_TASK BRIEF:_ Before anything else, drop the pictures; then return exactly the lines from the top of the listing through the line with "p5 = place(p4, frame((21.55, 0.0, 0.0)))".

_SOURCE RECORDS:_
+++
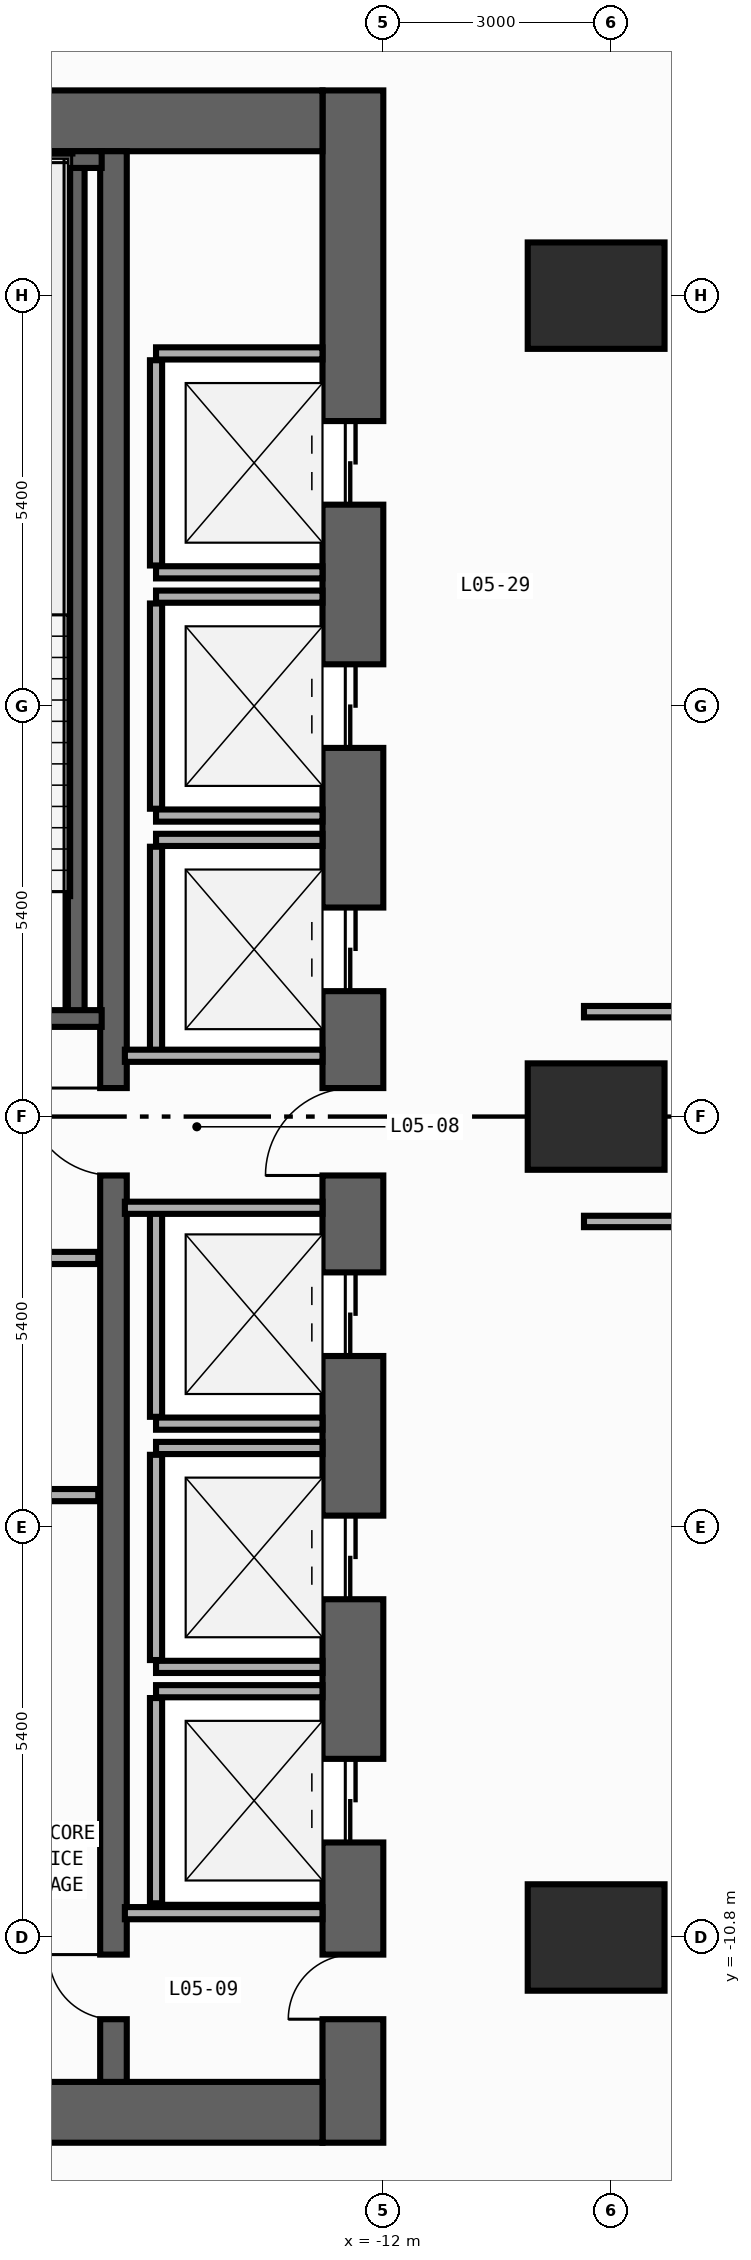
"""IFC4 building model, lengths in metres.
Left out: names, types, materials, properties, quantities, classifications, styles, units other than length and angle.
Written with IfcOpenShell. Run it as: python <this file> out.ifc"""

import sys

from ifc_helpers import new_model, si_unit, direction, frame, frame_2d, origin, origin_2d, place, context, subcontext, project, spatial, rectangle, extrude, element, fill, save


model = new_model("IFC4")
c1 = context("Model", 3, precision=1e-05, world=origin(), true_north=direction((0.0, 1.0)))
c2 = subcontext(c1, "Body", "Model", "MODEL_VIEW")
j1 = project(units=[si_unit("LENGTHUNIT", "METRE"), si_unit("PLANEANGLEUNIT", "RADIAN")], contexts=[c1])
p1 = place(None, origin())
s1 = spatial("IfcSite", under=j1, at=p1, CompositionType="ELEMENT")
p2 = place(p1, origin())
s2 = spatial("IfcBuilding", under=s1, at=p2, CompositionType="ELEMENT")
p3 = place(p2, frame((0.0, 0.0, 21.0)))
s3 = spatial("IfcBuildingStorey", under=s2, at=p3, CompositionType="ELEMENT", Elevation=21.0)
p4 = place(p3, frame((-12.4, -13.5, 0.0), z_axis=(0.0, 0.0, 1.0), x_axis=(0.0, 1.0, 0.0)))
e1 = element("IfcWall", 1, at=p4, inside=s3, PredefinedType="SHEAR", context=c2, shape_type="SweptSolid", body=[
    extrude(rectangle(XDim=27.0, YDim=0.8, at=frame_2d((13.5, 0.0))), origin(), (0.0, 0.0, 1.0), 4.74),
])
p5 = place(p4, frame((21.55, 0.0, 0.0)))
e2 = element("IfcOpeningElement", 2, at=p5, cuts=e1, PredefinedType="OPENING", context=c2, shape_type="SweptSolid", body=[
    extrude(rectangle(XDim=1.1, YDim=2.2, at=frame_2d((0.55, 1.1))), frame((0.0, 0.41, 0.0), z_axis=(0.0, -1.0, 0.0), x_axis=(1.0, 0.0, 0.0)), (0.0, 0.0, 1.0), 0.82),
])
p6 = place(p4, frame((18.35, 0.0, 0.0)))
e3 = element("IfcOpeningElement", 3, at=p6, cuts=e1, PredefinedType="OPENING", context=c2, shape_type="SweptSolid", body=[
    extrude(rectangle(XDim=1.1, YDim=2.2, at=frame_2d((0.55, 1.1))), frame((0.0, 0.41, 0.0), z_axis=(0.0, -1.0, 0.0), x_axis=(1.0, 0.0, 0.0)), (0.0, 0.0, 1.0), 0.82),
])
p7 = place(p4, frame((15.15, 0.0, 0.0)))
e4 = element("IfcOpeningElement", 4, at=p7, cuts=e1, PredefinedType="OPENING", context=c2, shape_type="SweptSolid", body=[
    extrude(rectangle(XDim=1.1, YDim=2.2, at=frame_2d((0.55, 1.1))), frame((0.0, 0.41, 0.0), z_axis=(0.0, -1.0, 0.0), x_axis=(1.0, 0.0, 0.0)), (0.0, 0.0, 1.0), 0.82),
])
p8 = place(p4, frame((10.35, 0.0, 0.0)))
e5 = element("IfcOpeningElement", 5, at=p8, cuts=e1, PredefinedType="OPENING", context=c2, shape_type="SweptSolid", body=[
    extrude(rectangle(XDim=1.1, YDim=2.2, at=frame_2d((0.55, 1.1))), frame((0.0, 0.41, 0.0), z_axis=(0.0, -1.0, 0.0), x_axis=(1.0, 0.0, 0.0)), (0.0, 0.0, 1.0), 0.82),
])
p9 = place(p4, frame((7.15, 0.0, 0.0)))
e6 = element("IfcOpeningElement", 6, at=p9, cuts=e1, PredefinedType="OPENING", context=c2, shape_type="SweptSolid", body=[
    extrude(rectangle(XDim=1.1, YDim=2.2, at=frame_2d((0.55, 1.1))), frame((0.0, 0.41, 0.0), z_axis=(0.0, -1.0, 0.0), x_axis=(1.0, 0.0, 0.0)), (0.0, 0.0, 1.0), 0.82),
])
p10 = place(p4, frame((3.95, 0.0, 0.0)))
e7 = element("IfcOpeningElement", 7, at=p10, cuts=e1, PredefinedType="OPENING", context=c2, shape_type="SweptSolid", body=[
    extrude(rectangle(XDim=1.1, YDim=2.2, at=frame_2d((0.55, 1.1))), frame((0.0, 0.41, 0.0), z_axis=(0.0, -1.0, 0.0), x_axis=(1.0, 0.0, 0.0)), (0.0, 0.0, 1.0), 0.82),
])
p11 = place(p4, frame((12.725, 0.0, 0.0)))
e8 = element("IfcOpeningElement", 8, at=p11, cuts=e1, PredefinedType="OPENING", context=c2, shape_type="SweptSolid", body=[
    extrude(rectangle(XDim=1.15, YDim=2.2, at=frame_2d((0.575, 1.1))), frame((0.0, 0.41, 0.0), z_axis=(0.0, -1.0, 0.0), x_axis=(1.0, 0.0, 0.0)), (0.0, 0.0, 1.0), 0.82),
])
p12 = place(p4, frame((1.625, 0.0, 0.0)))
e9 = element("IfcOpeningElement", 9, at=p12, cuts=e1, PredefinedType="OPENING", context=c2, shape_type="SweptSolid", body=[
    extrude(rectangle(XDim=0.85, YDim=2.1, at=frame_2d((0.425, 1.05))), frame((0.0, 0.41, 0.0), z_axis=(0.0, -1.0, 0.0), x_axis=(1.0, 0.0, 0.0)), (0.0, 0.0, 1.0), 0.82),
])
for number, where, z_axis, x_axis in (
    (10, (-19.6, -13.1, 0.0), (0.0, 0.0, 1.0), (1.0, 0.0, 0.0)),
    (11, (-19.6, 13.1, 0.0), (0.0, 0.0, 1.0), (1.0, 0.0, 0.0)),
):
    element("IfcWall", number, at=place(p3, frame(where, z_axis=z_axis, x_axis=x_axis)), inside=s3, PredefinedType="SHEAR", context=c2, shape_type="SweptSolid", body=[
        extrude(rectangle(XDim=6.8, YDim=0.8, at=frame_2d((3.4, 0.0))), origin(), (0.0, 0.0, 1.0), 4.74),
    ])
p13 = place(p3, frame((-15.55, -12.7, 0.0), z_axis=(0.0, 0.0, 1.0), x_axis=(0.0, 1.0, 0.0)))
e12 = element("IfcWall", 12, at=p13, inside=s3, PredefinedType="SHEAR", context=c2, shape_type="SweptSolid", body=[
    extrude(rectangle(XDim=25.4, YDim=0.35, at=frame_2d((12.7, 0.0))), origin(), (0.0, 0.0, 1.0), 4.74),
])
p14 = place(p13, frame((11.925, 0.0, 0.0)))
e13 = element("IfcOpeningElement", 13, at=p14, cuts=e12, PredefinedType="OPENING", context=c2, shape_type="SweptSolid", body=[
    extrude(rectangle(XDim=1.15, YDim=2.2, at=frame_2d((0.575, 1.1))), frame((0.0, 0.185, 0.0), z_axis=(0.0, -1.0, 0.0), x_axis=(1.0, 0.0, 0.0)), (0.0, 0.0, 1.0), 0.37),
])
p15 = place(p13, frame((0.825, 0.0, 0.0)))
e14 = element("IfcOpeningElement", 14, at=p15, cuts=e12, PredefinedType="OPENING", context=c2, shape_type="SweptSolid", body=[
    extrude(rectangle(XDim=0.85, YDim=2.1, at=frame_2d((0.425, 1.05))), frame((0.0, 0.185, 0.0), z_axis=(0.0, -1.0, 0.0), x_axis=(1.0, 0.0, 0.0)), (0.0, 0.0, 1.0), 0.37),
])
p16 = place(p3, frame((-16.04, 1.29, 0.0), z_axis=(0.0, 0.0, 1.0), x_axis=(0.0, 1.0, 0.0)))
e15 = element("IfcWall", 15, at=p16, inside=s3, PredefinedType="SHEAR", context=c2, shape_type="SweptSolid", body=[
    extrude(rectangle(XDim=11.3, YDim=0.22, at=frame_2d((5.65, 0.0))), origin(), (0.0, 0.0, 1.0), 4.74),
])
p17 = place(p3, frame((-19.62, 12.59, 0.0), z_axis=(0.0, 0.0, 1.0), x_axis=(1.0, 0.0, 0.0)))
e16 = element("IfcWall", 16, at=p17, inside=s3, PredefinedType="SHEAR", context=c2, shape_type="SweptSolid", body=[
    extrude(rectangle(XDim=3.915, YDim=0.22, at=frame_2d((1.958, 0.0))), origin(), (0.0, 0.0, 1.0), 4.74),
])
p18 = place(p3, frame((-19.62, 1.29, 0.0), z_axis=(0.0, 0.0, 1.0), x_axis=(1.0, 0.0, 0.0)))
e17 = element("IfcWall", 17, at=p18, inside=s3, PredefinedType="SHEAR", context=c2, shape_type="SweptSolid", body=[
    extrude(rectangle(XDim=3.915, YDim=0.22, at=frame_2d((1.958, 0.0))), origin(), (0.0, 0.0, 1.0), 4.74),
])
p19 = place(p18, frame((1.08, 0.0, 0.0)))
e18 = element("IfcOpeningElement", 18, at=p19, cuts=e17, PredefinedType="OPENING", context=c2, shape_type="SweptSolid", body=[
    extrude(rectangle(XDim=1.1, YDim=2.2, at=frame_2d((0.55, 1.1))), frame((0.0, 0.12, 0.0), z_axis=(0.0, -1.0, 0.0), x_axis=(1.0, 0.0, 0.0)), (0.0, 0.0, 1.0), 0.24),
])
for number, where, z_axis, x_axis in (
    (19, (-9.2, -10.8, 0.0), (0.0, 0.0, 1.0), (1.0, 0.0, 0.0)),
    (20, (-9.2, 0.0, 0.0), (0.0, 0.0, 1.0), (1.0, 0.0, 0.0)),
    (21, (-9.2, 10.8, 0.0), (0.0, 0.0, 1.0), (1.0, 0.0, 0.0)),
):
    element("IfcColumn", number, at=place(p3, frame(where, z_axis=z_axis, x_axis=x_axis)), inside=s3, PredefinedType="COLUMN", context=c2, shape_type="SweptSolid", body=[
        extrude(rectangle(XDim=1.8, YDim=1.4, at=origin_2d()), origin(), (0.0, 0.0, 1.0), 5.0),
    ])
for number, where, z_axis, x_axis in (
    (22, (-14.99, 7.16, 0.0), (0.0, 0.0, 1.0), (1.0, 0.0, 0.0)),
    (23, (-14.99, 10.04, 0.0), (0.0, 0.0, 1.0), (1.0, 0.0, 0.0)),
):
    element("IfcWall", number, at=place(p3, frame(where, z_axis=z_axis, x_axis=x_axis)), inside=s3, PredefinedType="STANDARD", context=c2, shape_type="SweptSolid", body=[
        extrude(rectangle(XDim=2.19, YDim=0.16, at=frame_2d((1.095, 0.0))), origin(), (0.0, 0.0, 1.0), 4.74),
    ])
p20 = place(p3, frame((-14.99, 7.25, 0.0), z_axis=(0.0, 0.0, 1.0), x_axis=(0.0, 1.0, 0.0)))
e24 = element("IfcWall", 24, at=p20, inside=s3, PredefinedType="STANDARD", context=c2, shape_type="SweptSolid", body=[
    extrude(rectangle(XDim=2.7, YDim=0.16, at=frame_2d((1.35, 0.0))), origin(), (0.0, 0.0, 1.0), 4.74),
])
for number, where, z_axis, x_axis in (
    (25, (-14.99, 3.96, 0.0), (0.0, 0.0, 1.0), (1.0, 0.0, 0.0)),
    (26, (-14.99, 6.84, 0.0), (0.0, 0.0, 1.0), (1.0, 0.0, 0.0)),
):
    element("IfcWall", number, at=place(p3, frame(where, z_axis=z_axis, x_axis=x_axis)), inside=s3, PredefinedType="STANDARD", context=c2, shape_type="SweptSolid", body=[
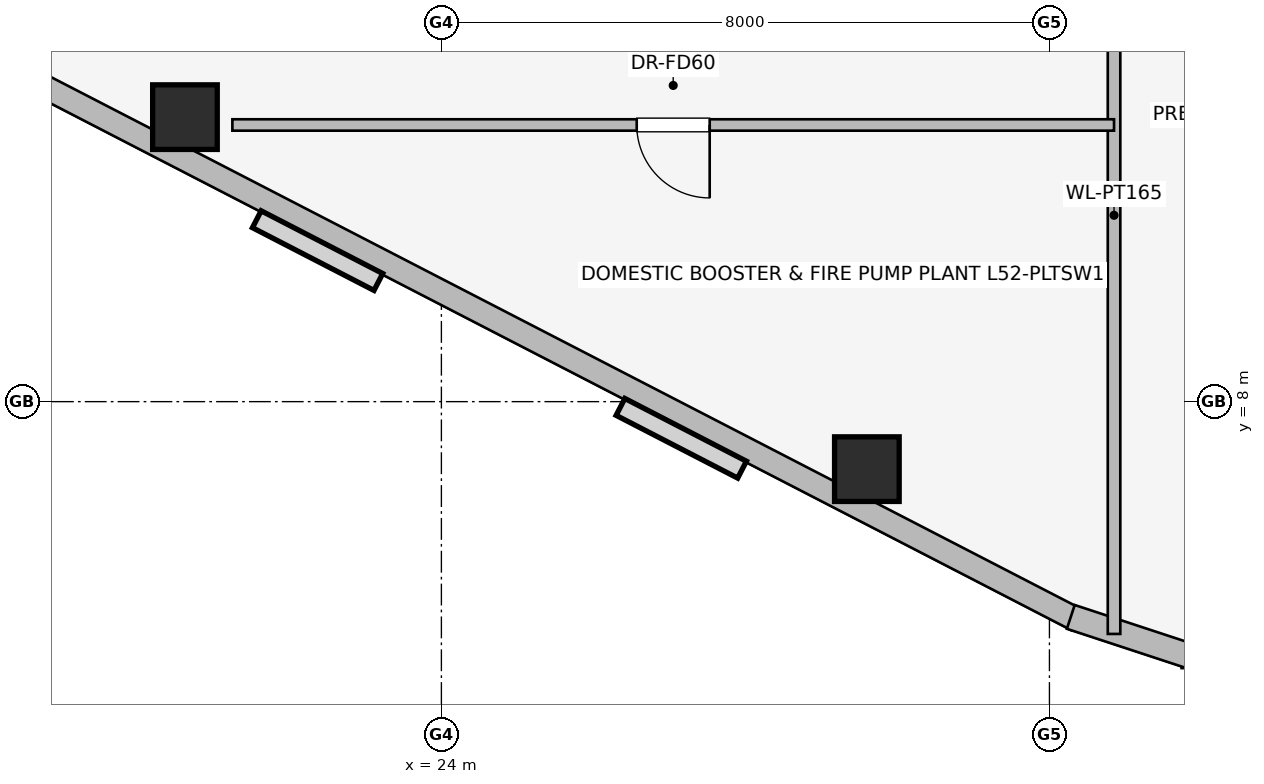
"""IFC4 building model, lengths in metres.
Left out: names, types, materials, properties, quantities, classifications, styles, units other than length and angle.
Written with IfcOpenShell. Run it as: python <this file> out.ifc"""

import sys

from ifc_helpers import new_model, si_unit, direction, frame, frame_2d, origin, origin_2d, place, context, subcontext, project, spatial, rectangle, extrude, element, fill, save


model = new_model("IFC4")
c1 = context("Model", 3, precision=1e-05, world=origin(), true_north=direction((0.0, 1.0)))
c2 = subcontext(c1, "Body", "Model", "MODEL_VIEW")
j1 = project(units=[si_unit("LENGTHUNIT", "METRE"), si_unit("PLANEANGLEUNIT", "RADIAN")], contexts=[c1])
p1 = place(None, origin())
s1 = spatial("IfcSite", under=j1, at=p1, CompositionType="ELEMENT")
p2 = place(p1, origin())
s2 = spatial("IfcBuilding", under=s1, at=p2, CompositionType="ELEMENT")
p3 = place(p2, frame((0.0, 0.0, 191.25)))
s3 = spatial("IfcBuildingStorey", under=s2, at=p3, CompositionType="ELEMENT", Elevation=191.25)
for number, where, z_axis, x_axis in (
    (1, (20.626, 11.743, 0.0), (0.0, 0.0, 1.0), (1.0, 0.0, 0.0)),
    (2, (29.598, 7.112, 0.0), (0.0, 0.0, 1.0), (1.0, 0.0, 0.0)),
):
    element("IfcColumn", number, at=place(p3, frame(where, z_axis=z_axis, x_axis=x_axis)), inside=s3, PredefinedType="COLUMN", context=c2, shape_type="SweptSolid", body=[
        extrude(rectangle(XDim=0.85, YDim=0.85, at=origin_2d()), origin(), (0.0, 0.0, 1.0), 5.2),
    ])
p4 = place(p3, frame((32.362, 5.129, 0.0), z_axis=(0.0, 0.0, 1.0), x_axis=(-0.888626188278, 0.458632202867, 0.0)))
e3 = element("IfcWall", 3, at=p4, inside=s3, PredefinedType="STANDARD", context=c2, shape_type="SweptSolid", body=[
    extrude(rectangle(XDim=16.828, YDim=0.31, at=frame_2d((8.414, 0.0))), origin(), (0.0, 0.0, 1.0), 4.94),
])
p5 = place(p3, frame((35.461, 4.659, 0.0), z_axis=(0.0, 0.0, 1.0), x_axis=(-1.0, 0.0, 0.0)))
e4 = element("IfcWall", 4, at=p5, inside=s3, PredefinedType="STANDARD", context=c2, shape_type="SweptSolid", body=[
    extrude(rectangle(XDim=1.722, YDim=0.33, at=frame_2d((0.861, 0.0))), origin(), (0.0, 0.0, 1.0), 4.94),
])
p6 = place(p3, frame((33.917, 4.63, 0.0), z_axis=(0.0, 0.0, 1.0), x_axis=(-0.949937416267, 0.312440242569, 0.0)))
e5 = element("IfcWall", 5, at=p6, inside=s3, PredefinedType="STANDARD", context=c2, shape_type="SweptSolid", body=[
    extrude(rectangle(XDim=1.722, YDim=0.33, at=frame_2d((0.861, 0.0))), origin(), (0.0, 0.0, 1.0), 4.94),
])
p7 = place(p3, frame((32.85, 4.944, 0.0), z_axis=(0.0, 0.0, 1.0), x_axis=(0.0, 1.0, 0.0)))
e6 = element("IfcWall", 6, at=p7, inside=s3, PredefinedType="PARTITIONING", context=c2, shape_type="SweptSolid", body=[
    extrude(rectangle(XDim=11.016, YDim=0.165, at=frame_2d((5.508, 0.0))), origin(), (0.0, 0.0, 1.0), 4.94),
])
p8 = place(p3, frame((32.85, 11.64, 0.0), z_axis=(0.0, 0.0, 1.0), x_axis=(-1.0, 0.0, 0.0)))
e7 = element("IfcWall", 7, at=p8, inside=s3, PredefinedType="PARTITIONING", context=c2, shape_type="SweptSolid", body=[
    extrude(rectangle(XDim=11.6, YDim=0.15, at=frame_2d((5.8, 0.0))), origin(), (0.0, 0.0, 1.0), 4.94),
])
p9 = place(p8, frame((5.32, 0.0, 0.0)))
e8 = element("IfcOpeningElement", 8, at=p9, cuts=e7, PredefinedType="OPENING", context=c2, shape_type="SweptSolid", body=[
    extrude(rectangle(XDim=0.96, YDim=2.0, at=frame_2d((0.48, 1.0))), frame((0.0, 0.085, 0.0), z_axis=(0.0, -1.0, 0.0), x_axis=(1.0, 0.0, 0.0)), (0.0, 0.0, 1.0), 0.17),
])
p10 = place(p9, origin())
e9 = element("IfcDoor", 9, at=p10, inside=s3, OperationType="SINGLE_SWING_LEFT", PredefinedType="DOOR", context=c2, shape_type="SweptSolid", body=[
    extrude(rectangle(XDim=0.96, YDim=2.0, at=frame_2d((0.48, 1.0))), frame((0.0, 0.025, 0.0), z_axis=(0.0, -1.0, 0.0), x_axis=(1.0, 0.0, 0.0)), (0.0, 0.0, 1.0), 0.05),
])
fill(e8, e9)
save(model, sys.argv[1])
+++
_TASK OUTPUT:_
"""IFC4 building model, lengths in metres.
Left out: names, types, materials, properties, quantities, classifications, styles, units other than length and angle.
Written with IfcOpenShell. Run it as: python <this file> out.ifc"""

import sys

from ifc_helpers import new_model, si_unit, direction, frame, frame_2d, origin, origin_2d, place, context, subcontext, project, spatial, rectangle, extrude, element, fill, save


model = new_model("IFC4")
c1 = context("Model", 3, precision=1e-05, world=origin(), true_north=direction((0.0, 1.0)))
c2 = subcontext(c1, "Body", "Model", "MODEL_VIEW")
j1 = project(units=[si_unit("LENGTHUNIT", "METRE"), si_unit("PLANEANGLEUNIT", "RADIAN")], contexts=[c1])
p1 = place(None, origin())
s1 = spatial("IfcSite", under=j1, at=p1, CompositionType="ELEMENT")
p2 = place(p1, origin())
s2 = spatial("IfcBuilding", under=s1, at=p2, CompositionType="ELEMENT")
p3 = place(p2, frame((0.0, 0.0, 21.0)))
s3 = spatial("IfcBuildingStorey", under=s2, at=p3, CompositionType="ELEMENT", Elevation=21.0)
p4 = place(p3, frame((-12.4, -13.5, 0.0), z_axis=(0.0, 0.0, 1.0), x_axis=(0.0, 1.0, 0.0)))
e1 = element("IfcWall", 1, at=p4, inside=s3, PredefinedType="SHEAR", context=c2, shape_type="SweptSolid", body=[
    extrude(rectangle(XDim=27.0, YDim=0.8, at=frame_2d((13.5, 0.0))), origin(), (0.0, 0.0, 1.0), 4.74),
])
p5 = place(p4, frame((21.55, 0.0, 0.0)))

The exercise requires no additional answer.